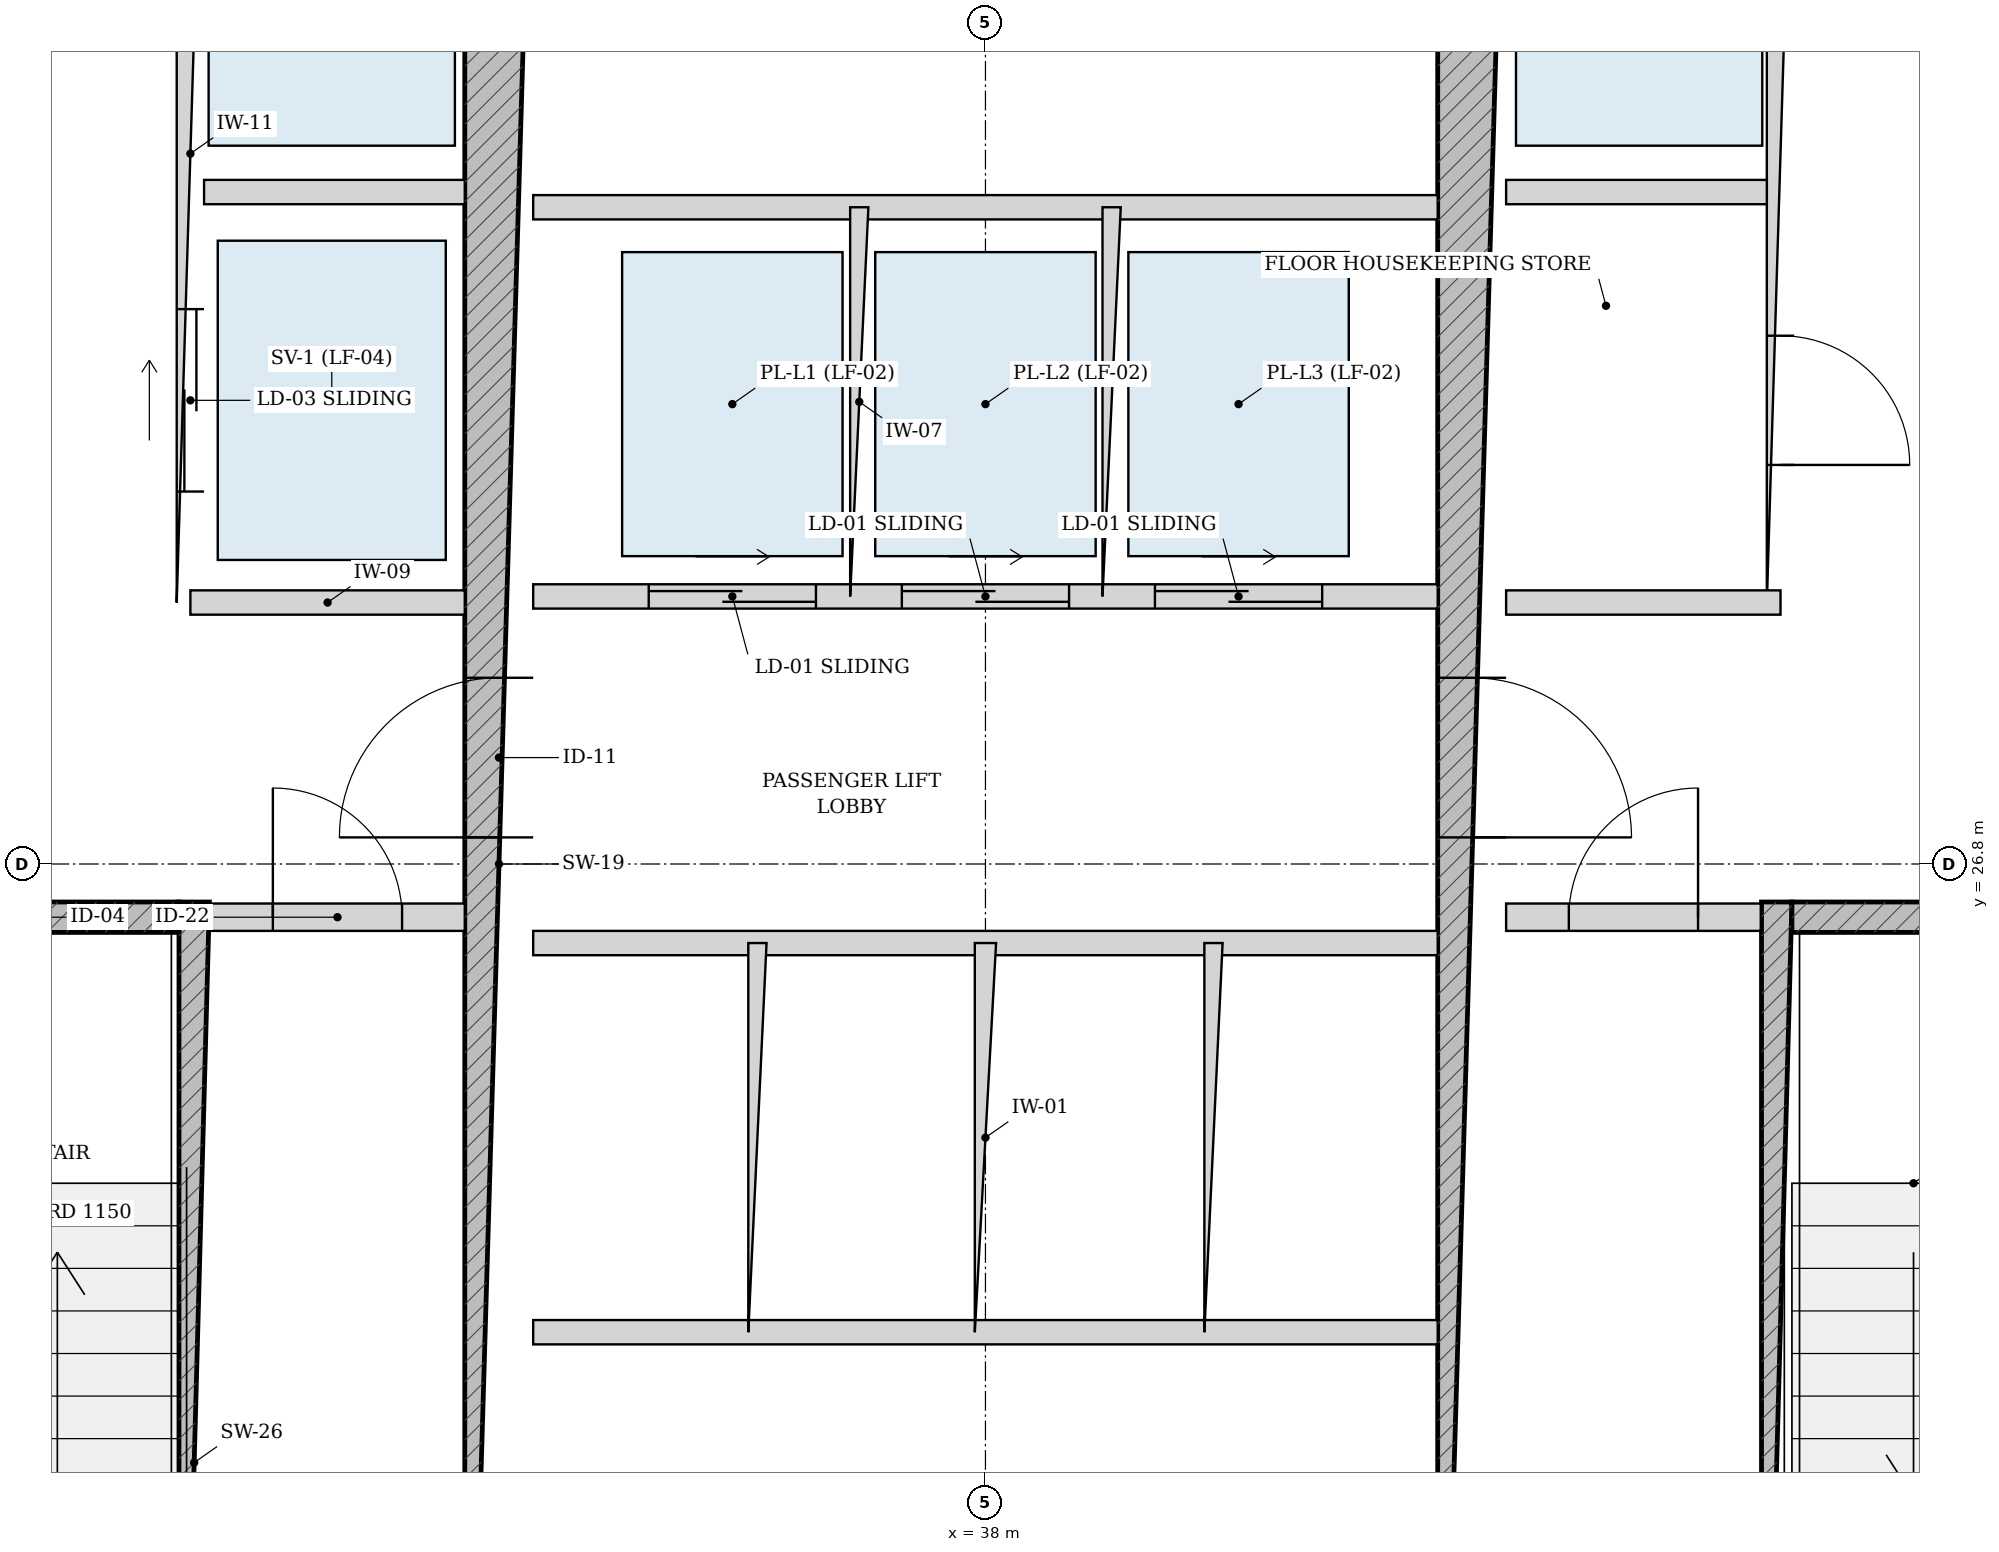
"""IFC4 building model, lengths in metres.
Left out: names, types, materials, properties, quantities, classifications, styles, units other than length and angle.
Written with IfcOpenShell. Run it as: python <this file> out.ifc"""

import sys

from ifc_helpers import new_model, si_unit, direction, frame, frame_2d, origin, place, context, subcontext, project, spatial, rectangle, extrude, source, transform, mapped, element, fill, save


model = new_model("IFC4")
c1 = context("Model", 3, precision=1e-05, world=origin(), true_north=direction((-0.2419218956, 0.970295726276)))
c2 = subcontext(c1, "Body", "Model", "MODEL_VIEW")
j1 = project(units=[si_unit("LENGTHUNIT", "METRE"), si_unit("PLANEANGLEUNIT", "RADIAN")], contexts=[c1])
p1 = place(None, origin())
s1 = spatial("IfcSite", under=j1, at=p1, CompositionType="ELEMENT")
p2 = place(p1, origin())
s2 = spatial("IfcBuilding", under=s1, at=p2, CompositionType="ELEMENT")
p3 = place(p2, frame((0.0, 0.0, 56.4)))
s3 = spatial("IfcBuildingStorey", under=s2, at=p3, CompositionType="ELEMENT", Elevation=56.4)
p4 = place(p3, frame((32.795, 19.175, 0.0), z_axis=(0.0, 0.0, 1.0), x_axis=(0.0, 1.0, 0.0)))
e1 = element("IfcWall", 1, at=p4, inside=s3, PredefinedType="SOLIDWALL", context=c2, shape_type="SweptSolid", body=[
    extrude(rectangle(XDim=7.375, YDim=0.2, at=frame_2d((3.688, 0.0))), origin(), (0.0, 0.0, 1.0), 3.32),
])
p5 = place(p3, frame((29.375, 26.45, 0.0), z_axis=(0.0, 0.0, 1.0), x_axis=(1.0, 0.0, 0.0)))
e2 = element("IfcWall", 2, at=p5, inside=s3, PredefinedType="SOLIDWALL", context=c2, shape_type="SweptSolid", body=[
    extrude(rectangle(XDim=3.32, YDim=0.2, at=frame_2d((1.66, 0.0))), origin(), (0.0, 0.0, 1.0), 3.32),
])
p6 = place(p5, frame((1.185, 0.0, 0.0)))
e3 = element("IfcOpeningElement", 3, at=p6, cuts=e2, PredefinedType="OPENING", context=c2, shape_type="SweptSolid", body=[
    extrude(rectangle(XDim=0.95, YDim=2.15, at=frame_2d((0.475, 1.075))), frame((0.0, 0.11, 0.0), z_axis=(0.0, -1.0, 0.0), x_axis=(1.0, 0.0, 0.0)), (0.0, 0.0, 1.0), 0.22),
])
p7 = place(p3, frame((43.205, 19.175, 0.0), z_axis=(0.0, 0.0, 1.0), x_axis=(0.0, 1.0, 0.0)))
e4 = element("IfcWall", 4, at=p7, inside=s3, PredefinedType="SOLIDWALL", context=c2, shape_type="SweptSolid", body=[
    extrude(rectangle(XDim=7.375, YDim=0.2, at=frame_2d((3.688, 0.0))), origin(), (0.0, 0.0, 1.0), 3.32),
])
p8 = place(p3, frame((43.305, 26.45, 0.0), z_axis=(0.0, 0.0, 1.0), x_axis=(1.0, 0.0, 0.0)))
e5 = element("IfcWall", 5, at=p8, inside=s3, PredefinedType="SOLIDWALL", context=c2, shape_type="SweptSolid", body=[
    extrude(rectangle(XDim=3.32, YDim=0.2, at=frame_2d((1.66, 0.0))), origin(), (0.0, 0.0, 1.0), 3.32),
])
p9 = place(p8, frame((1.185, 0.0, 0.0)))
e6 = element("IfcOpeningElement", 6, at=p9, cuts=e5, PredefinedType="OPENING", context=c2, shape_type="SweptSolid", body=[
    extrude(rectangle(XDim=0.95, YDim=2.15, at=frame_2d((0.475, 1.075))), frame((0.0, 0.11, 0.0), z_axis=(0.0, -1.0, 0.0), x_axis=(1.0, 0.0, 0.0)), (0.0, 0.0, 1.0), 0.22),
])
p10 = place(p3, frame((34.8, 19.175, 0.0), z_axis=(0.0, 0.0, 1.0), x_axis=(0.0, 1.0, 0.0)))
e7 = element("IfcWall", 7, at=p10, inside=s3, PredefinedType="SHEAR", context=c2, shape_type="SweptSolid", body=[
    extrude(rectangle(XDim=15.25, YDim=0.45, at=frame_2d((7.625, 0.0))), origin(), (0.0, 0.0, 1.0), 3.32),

+-------+

When you retype the records, keep every word exactly as written and exclude the pictures.

Answer box:
"""IFC4 building model, lengths in metres.
Left out: names, types, materials, properties, quantities, classifications, styles, units other than length and angle.
Written with IfcOpenShell. Run it as: python <this file> out.ifc"""

import sys

from ifc_helpers import new_model, si_unit, direction, frame, frame_2d, origin, place, context, subcontext, project, spatial, rectangle, extrude, source, transform, mapped, element, fill, save


model = new_model("IFC4")
c1 = context("Model", 3, precision=1e-05, world=origin(), true_north=direction((-0.2419218956, 0.970295726276)))
c2 = subcontext(c1, "Body", "Model", "MODEL_VIEW")
j1 = project(units=[si_unit("LENGTHUNIT", "METRE"), si_unit("PLANEANGLEUNIT", "RADIAN")], contexts=[c1])
p1 = place(None, origin())
s1 = spatial("IfcSite", under=j1, at=p1, CompositionType="ELEMENT")
p2 = place(p1, origin())
s2 = spatial("IfcBuilding", under=s1, at=p2, CompositionType="ELEMENT")
p3 = place(p2, frame((0.0, 0.0, 56.4)))
s3 = spatial("IfcBuildingStorey", under=s2, at=p3, CompositionType="ELEMENT", Elevation=56.4)
p4 = place(p3, frame((32.795, 19.175, 0.0), z_axis=(0.0, 0.0, 1.0), x_axis=(0.0, 1.0, 0.0)))
e1 = element("IfcWall", 1, at=p4, inside=s3, PredefinedType="SOLIDWALL", context=c2, shape_type="SweptSolid", body=[
    extrude(rectangle(XDim=7.375, YDim=0.2, at=frame_2d((3.688, 0.0))), origin(), (0.0, 0.0, 1.0), 3.32),
])
p5 = place(p3, frame((29.375, 26.45, 0.0), z_axis=(0.0, 0.0, 1.0), x_axis=(1.0, 0.0, 0.0)))
e2 = element("IfcWall", 2, at=p5, inside=s3, PredefinedType="SOLIDWALL", context=c2, shape_type="SweptSolid", body=[
    extrude(rectangle(XDim=3.32, YDim=0.2, at=frame_2d((1.66, 0.0))), origin(), (0.0, 0.0, 1.0), 3.32),
])
p6 = place(p5, frame((1.185, 0.0, 0.0)))
e3 = element("IfcOpeningElement", 3, at=p6, cuts=e2, PredefinedType="OPENING", context=c2, shape_type="SweptSolid", body=[
    extrude(rectangle(XDim=0.95, YDim=2.15, at=frame_2d((0.475, 1.075))), frame((0.0, 0.11, 0.0), z_axis=(0.0, -1.0, 0.0), x_axis=(1.0, 0.0, 0.0)), (0.0, 0.0, 1.0), 0.22),
])
p7 = place(p3, frame((43.205, 19.175, 0.0), z_axis=(0.0, 0.0, 1.0), x_axis=(0.0, 1.0, 0.0)))
e4 = element("IfcWall", 4, at=p7, inside=s3, PredefinedType="SOLIDWALL", context=c2, shape_type="SweptSolid", body=[
    extrude(rectangle(XDim=7.375, YDim=0.2, at=frame_2d((3.688, 0.0))), origin(), (0.0, 0.0, 1.0), 3.32),
])
p8 = place(p3, frame((43.305, 26.45, 0.0), z_axis=(0.0, 0.0, 1.0), x_axis=(1.0, 0.0, 0.0)))
e5 = element("IfcWall", 5, at=p8, inside=s3, PredefinedType="SOLIDWALL", context=c2, shape_type="SweptSolid", body=[
    extrude(rectangle(XDim=3.32, YDim=0.2, at=frame_2d((1.66, 0.0))), origin(), (0.0, 0.0, 1.0), 3.32),
])
p9 = place(p8, frame((1.185, 0.0, 0.0)))
e6 = element("IfcOpeningElement", 6, at=p9, cuts=e5, PredefinedType="OPENING", context=c2, shape_type="SweptSolid", body=[
    extrude(rectangle(XDim=0.95, YDim=2.15, at=frame_2d((0.475, 1.075))), frame((0.0, 0.11, 0.0), z_axis=(0.0, -1.0, 0.0), x_axis=(1.0, 0.0, 0.0)), (0.0, 0.0, 1.0), 0.22),
])
p10 = place(p3, frame((34.8, 19.175, 0.0), z_axis=(0.0, 0.0, 1.0), x_axis=(0.0, 1.0, 0.0)))
e7 = element("IfcWall", 7, at=p10, inside=s3, PredefinedType="SHEAR", context=c2, shape_type="SweptSolid", body=[
    extrude(rectangle(XDim=15.25, YDim=0.45, at=frame_2d((7.625, 0.0))), origin(), (0.0, 0.0, 1.0), 3.32),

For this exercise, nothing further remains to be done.